--- RECORDS SHOWN ---

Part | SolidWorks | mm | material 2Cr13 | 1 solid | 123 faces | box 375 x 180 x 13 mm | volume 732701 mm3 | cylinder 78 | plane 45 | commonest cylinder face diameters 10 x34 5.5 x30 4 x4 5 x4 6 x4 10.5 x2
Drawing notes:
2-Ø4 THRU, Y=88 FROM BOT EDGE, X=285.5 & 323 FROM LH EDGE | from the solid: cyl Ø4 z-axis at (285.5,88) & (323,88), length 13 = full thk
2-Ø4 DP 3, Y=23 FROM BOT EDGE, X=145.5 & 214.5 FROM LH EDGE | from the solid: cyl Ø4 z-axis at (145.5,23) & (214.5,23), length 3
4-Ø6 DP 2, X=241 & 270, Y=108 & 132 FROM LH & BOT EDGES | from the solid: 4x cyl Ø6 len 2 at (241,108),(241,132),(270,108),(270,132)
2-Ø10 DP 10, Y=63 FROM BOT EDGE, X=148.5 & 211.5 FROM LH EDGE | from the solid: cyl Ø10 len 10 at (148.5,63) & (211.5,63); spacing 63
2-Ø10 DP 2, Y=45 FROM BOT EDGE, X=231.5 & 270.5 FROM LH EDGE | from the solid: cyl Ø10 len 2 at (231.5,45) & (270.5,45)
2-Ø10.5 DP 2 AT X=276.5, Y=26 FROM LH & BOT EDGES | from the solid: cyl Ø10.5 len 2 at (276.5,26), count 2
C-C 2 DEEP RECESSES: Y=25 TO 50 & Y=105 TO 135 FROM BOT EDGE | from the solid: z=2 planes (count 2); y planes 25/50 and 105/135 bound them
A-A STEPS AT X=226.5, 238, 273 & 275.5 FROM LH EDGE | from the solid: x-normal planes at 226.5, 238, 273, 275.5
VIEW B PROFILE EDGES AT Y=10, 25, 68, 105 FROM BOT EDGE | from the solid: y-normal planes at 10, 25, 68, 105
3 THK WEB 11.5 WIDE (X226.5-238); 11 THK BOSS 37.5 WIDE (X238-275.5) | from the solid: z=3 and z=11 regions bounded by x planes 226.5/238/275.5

---

WHAT IS EXPECTED
Please output the records shown above, with every character intact.

RESULT
Part | SolidWorks | mm | material 2Cr13 | 1 solid | 123 faces | box 375 x 180 x 13 mm | volume 732701 mm3 | cylinder 78 | plane 45 | commonest cylinder face diameters 10 x34 5.5 x30 4 x4 5 x4 6 x4 10.5 x2
Drawing notes:
2-Ø4 THRU, Y=88 FROM BOT EDGE, X=285.5 & 323 FROM LH EDGE | from the solid: cyl Ø4 z-axis at (285.5,88) & (323,88), length 13 = full thk
2-Ø4 DP 3, Y=23 FROM BOT EDGE, X=145.5 & 214.5 FROM LH EDGE | from the solid: cyl Ø4 z-axis at (145.5,23) & (214.5,23), length 3
4-Ø6 DP 2, X=241 & 270, Y=108 & 132 FROM LH & BOT EDGES | from the solid: 4x cyl Ø6 len 2 at (241,108),(241,132),(270,108),(270,132)
2-Ø10 DP 10, Y=63 FROM BOT EDGE, X=148.5 & 211.5 FROM LH EDGE | from the solid: cyl Ø10 len 10 at (148.5,63) & (211.5,63); spacing 63
2-Ø10 DP 2, Y=45 FROM BOT EDGE, X=231.5 & 270.5 FROM LH EDGE | from the solid: cyl Ø10 len 2 at (231.5,45) & (270.5,45)
2-Ø10.5 DP 2 AT X=276.5, Y=26 FROM LH & BOT EDGES | from the solid: cyl Ø10.5 len 2 at (276.5,26), count 2
C-C 2 DEEP RECESSES: Y=25 TO 50 & Y=105 TO 135 FROM BOT EDGE | from the solid: z=2 planes (count 2); y planes 25/50 and 105/135 bound them
A-A STEPS AT X=226.5, 238, 273 & 275.5 FROM LH EDGE | from the solid: x-normal planes at 226.5, 238, 273, 275.5
VIEW B PROFILE EDGES AT Y=10, 25, 68, 105 FROM BOT EDGE | from the solid: y-normal planes at 10, 25, 68, 105
3 THK WEB 11.5 WIDE (X226.5-238); 11 THK BOSS 37.5 WIDE (X238-275.5) | from the solid: z=3 and z=11 regions bounded by x planes 226.5/238/275.5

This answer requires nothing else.